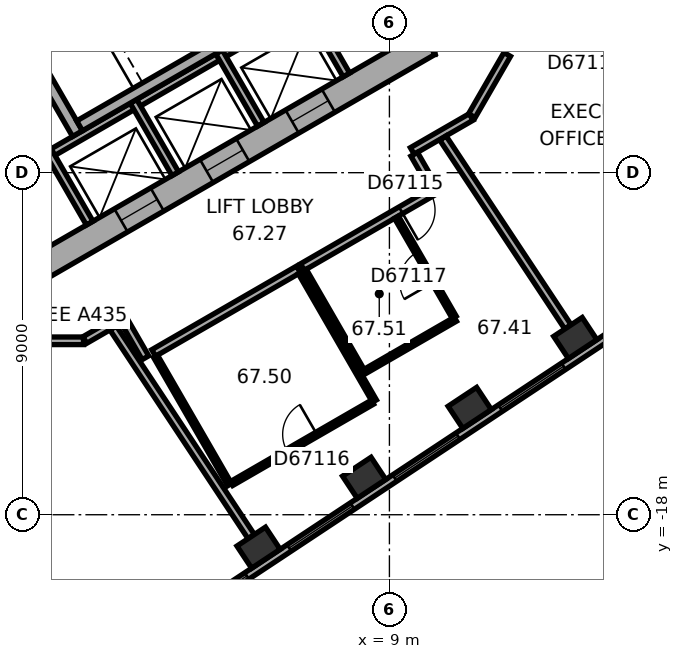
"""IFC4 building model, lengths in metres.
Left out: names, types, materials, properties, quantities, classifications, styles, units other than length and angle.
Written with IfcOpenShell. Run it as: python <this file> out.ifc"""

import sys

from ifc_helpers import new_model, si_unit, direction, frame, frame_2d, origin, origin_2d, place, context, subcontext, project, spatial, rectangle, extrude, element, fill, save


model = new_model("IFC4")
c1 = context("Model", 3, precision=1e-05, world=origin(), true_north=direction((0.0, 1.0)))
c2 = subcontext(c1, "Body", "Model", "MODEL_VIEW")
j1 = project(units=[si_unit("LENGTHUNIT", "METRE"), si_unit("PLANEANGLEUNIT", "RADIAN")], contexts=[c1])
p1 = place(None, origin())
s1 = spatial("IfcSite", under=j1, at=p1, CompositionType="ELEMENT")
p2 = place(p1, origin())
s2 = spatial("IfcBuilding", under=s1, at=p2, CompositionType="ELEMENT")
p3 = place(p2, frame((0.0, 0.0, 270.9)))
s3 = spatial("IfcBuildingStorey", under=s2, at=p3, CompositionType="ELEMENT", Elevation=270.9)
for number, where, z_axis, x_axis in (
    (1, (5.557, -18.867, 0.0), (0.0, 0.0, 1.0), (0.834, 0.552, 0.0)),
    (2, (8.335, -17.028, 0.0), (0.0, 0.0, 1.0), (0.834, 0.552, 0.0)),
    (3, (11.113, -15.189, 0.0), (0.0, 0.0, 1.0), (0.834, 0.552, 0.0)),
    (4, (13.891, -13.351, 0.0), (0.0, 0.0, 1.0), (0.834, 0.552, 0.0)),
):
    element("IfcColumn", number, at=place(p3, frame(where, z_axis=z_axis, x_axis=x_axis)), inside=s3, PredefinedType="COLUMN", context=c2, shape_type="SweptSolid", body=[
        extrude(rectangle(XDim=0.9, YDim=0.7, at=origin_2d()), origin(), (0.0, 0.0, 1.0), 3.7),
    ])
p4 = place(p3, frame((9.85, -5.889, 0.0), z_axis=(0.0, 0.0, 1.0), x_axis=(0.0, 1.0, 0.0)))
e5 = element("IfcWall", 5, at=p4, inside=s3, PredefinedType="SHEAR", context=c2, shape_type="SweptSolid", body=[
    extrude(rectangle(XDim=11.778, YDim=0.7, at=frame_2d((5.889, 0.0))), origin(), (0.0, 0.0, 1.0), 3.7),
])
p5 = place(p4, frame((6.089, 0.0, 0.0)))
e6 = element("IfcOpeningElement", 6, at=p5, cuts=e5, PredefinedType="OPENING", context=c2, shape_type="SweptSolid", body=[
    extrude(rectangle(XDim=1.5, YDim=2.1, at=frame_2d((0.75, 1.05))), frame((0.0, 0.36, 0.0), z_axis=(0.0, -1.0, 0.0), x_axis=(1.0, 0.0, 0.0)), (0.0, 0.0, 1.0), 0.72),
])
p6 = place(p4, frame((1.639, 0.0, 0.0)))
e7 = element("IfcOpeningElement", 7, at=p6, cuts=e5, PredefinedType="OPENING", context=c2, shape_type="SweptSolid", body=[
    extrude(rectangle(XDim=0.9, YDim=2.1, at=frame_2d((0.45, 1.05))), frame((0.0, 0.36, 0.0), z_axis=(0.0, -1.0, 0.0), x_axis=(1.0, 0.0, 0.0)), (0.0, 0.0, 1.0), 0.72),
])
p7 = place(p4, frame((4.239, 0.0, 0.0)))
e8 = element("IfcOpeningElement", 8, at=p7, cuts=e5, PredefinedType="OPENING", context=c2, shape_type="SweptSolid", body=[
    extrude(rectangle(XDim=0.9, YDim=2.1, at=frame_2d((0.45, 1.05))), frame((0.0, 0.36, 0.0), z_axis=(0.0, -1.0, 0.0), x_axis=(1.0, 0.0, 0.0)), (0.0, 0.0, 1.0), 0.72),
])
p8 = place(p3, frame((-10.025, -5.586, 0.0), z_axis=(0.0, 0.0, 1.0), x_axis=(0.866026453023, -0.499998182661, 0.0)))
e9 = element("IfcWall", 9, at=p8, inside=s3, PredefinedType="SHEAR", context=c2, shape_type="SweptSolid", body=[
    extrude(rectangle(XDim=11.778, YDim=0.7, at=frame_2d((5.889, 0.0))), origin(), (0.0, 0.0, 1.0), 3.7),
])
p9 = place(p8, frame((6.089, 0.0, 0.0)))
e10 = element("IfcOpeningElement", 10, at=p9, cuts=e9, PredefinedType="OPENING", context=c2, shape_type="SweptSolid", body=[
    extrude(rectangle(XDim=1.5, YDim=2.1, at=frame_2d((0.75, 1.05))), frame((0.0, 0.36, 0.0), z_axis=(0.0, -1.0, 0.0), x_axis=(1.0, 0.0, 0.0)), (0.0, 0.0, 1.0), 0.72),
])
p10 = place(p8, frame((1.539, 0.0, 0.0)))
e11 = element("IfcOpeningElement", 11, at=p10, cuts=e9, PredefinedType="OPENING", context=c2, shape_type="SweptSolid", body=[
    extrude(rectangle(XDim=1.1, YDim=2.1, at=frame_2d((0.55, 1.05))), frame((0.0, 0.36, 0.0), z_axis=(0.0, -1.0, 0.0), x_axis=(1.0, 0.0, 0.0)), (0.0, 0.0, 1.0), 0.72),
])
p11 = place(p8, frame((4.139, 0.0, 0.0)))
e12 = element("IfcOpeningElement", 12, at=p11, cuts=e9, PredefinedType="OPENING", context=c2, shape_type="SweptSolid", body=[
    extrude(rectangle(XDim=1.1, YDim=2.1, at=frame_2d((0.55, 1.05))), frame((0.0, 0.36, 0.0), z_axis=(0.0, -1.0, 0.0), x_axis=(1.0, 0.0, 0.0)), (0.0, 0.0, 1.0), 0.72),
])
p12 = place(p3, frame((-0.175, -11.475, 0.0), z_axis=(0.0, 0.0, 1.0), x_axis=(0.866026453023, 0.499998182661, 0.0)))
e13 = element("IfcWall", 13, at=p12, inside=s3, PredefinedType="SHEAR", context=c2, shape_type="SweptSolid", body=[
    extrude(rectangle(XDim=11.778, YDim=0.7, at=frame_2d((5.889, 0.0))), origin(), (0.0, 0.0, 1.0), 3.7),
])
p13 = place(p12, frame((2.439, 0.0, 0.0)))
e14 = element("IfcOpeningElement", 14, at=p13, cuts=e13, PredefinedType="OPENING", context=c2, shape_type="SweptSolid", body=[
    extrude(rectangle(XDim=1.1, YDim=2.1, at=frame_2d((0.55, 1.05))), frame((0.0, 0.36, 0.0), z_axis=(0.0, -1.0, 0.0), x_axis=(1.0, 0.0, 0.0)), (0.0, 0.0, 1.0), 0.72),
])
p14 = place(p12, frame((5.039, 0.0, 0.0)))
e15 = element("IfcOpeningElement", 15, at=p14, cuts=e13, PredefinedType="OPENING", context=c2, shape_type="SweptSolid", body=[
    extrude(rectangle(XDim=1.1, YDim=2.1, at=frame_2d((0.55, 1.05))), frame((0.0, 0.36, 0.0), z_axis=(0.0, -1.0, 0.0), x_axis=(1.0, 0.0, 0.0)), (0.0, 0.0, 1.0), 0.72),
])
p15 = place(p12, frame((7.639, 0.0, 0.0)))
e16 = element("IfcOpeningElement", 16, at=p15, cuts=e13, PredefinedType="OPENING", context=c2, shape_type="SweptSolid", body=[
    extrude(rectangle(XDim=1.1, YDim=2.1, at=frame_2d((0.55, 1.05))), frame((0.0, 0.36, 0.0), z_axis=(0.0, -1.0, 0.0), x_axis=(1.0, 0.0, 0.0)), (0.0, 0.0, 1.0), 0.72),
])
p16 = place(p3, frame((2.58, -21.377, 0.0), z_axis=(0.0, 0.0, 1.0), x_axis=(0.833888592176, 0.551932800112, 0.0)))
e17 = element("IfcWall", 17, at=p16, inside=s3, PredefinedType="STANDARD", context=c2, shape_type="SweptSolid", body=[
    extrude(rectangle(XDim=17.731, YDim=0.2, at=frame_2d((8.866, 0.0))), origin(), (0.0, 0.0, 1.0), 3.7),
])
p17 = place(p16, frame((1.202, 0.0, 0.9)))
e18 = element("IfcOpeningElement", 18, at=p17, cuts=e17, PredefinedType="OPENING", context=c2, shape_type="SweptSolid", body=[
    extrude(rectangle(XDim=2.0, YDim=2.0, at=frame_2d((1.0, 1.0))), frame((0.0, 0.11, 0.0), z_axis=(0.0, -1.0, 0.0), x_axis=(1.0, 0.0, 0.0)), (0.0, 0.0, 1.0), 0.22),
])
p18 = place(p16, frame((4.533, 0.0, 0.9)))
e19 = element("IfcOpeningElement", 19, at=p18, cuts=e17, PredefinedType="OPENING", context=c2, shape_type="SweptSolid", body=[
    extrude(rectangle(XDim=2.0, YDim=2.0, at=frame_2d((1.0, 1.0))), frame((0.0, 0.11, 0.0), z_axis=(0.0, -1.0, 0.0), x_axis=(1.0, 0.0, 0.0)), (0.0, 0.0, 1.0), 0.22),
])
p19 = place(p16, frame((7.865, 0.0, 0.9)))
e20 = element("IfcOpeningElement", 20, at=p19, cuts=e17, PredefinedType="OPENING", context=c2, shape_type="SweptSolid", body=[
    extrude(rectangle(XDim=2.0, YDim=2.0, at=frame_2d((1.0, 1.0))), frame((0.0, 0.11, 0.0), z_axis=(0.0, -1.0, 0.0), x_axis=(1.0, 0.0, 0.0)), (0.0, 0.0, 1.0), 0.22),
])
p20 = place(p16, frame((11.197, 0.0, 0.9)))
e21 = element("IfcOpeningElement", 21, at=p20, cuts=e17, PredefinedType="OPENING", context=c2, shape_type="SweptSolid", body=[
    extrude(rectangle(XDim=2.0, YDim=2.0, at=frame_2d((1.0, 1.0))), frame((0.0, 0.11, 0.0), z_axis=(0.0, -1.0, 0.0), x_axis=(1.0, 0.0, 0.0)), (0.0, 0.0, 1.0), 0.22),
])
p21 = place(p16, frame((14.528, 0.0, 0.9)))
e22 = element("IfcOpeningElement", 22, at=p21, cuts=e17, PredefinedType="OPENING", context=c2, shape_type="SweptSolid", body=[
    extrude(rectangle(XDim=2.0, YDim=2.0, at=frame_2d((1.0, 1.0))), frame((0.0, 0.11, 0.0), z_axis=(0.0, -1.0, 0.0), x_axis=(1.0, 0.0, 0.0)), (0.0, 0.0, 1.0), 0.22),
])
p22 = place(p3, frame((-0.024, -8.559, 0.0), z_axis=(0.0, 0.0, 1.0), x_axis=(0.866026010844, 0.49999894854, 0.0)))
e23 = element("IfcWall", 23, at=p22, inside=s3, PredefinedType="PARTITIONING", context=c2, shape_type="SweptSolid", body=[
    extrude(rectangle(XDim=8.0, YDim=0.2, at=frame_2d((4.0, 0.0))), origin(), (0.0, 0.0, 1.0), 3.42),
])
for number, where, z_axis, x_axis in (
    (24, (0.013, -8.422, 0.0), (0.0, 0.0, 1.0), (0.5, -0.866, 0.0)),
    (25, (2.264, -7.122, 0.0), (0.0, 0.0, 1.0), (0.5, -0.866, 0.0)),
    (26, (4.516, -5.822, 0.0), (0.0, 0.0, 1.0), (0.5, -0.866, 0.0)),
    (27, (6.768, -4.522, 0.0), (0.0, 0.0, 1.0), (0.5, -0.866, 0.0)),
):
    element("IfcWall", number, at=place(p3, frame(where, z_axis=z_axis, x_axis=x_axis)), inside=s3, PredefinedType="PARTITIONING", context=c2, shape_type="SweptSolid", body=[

=-=-=-=-=

Note down each line above where the word "subcontext" occurs.

from ifc_helpers import new_model, si_unit, direction, frame, frame_2d, origin, origin_2d, place, context, subcontext, project, spatial, rectangle, extrude, element, fill, save
c2 = subcontext(c1, "Body", "Model", "MODEL_VIEW")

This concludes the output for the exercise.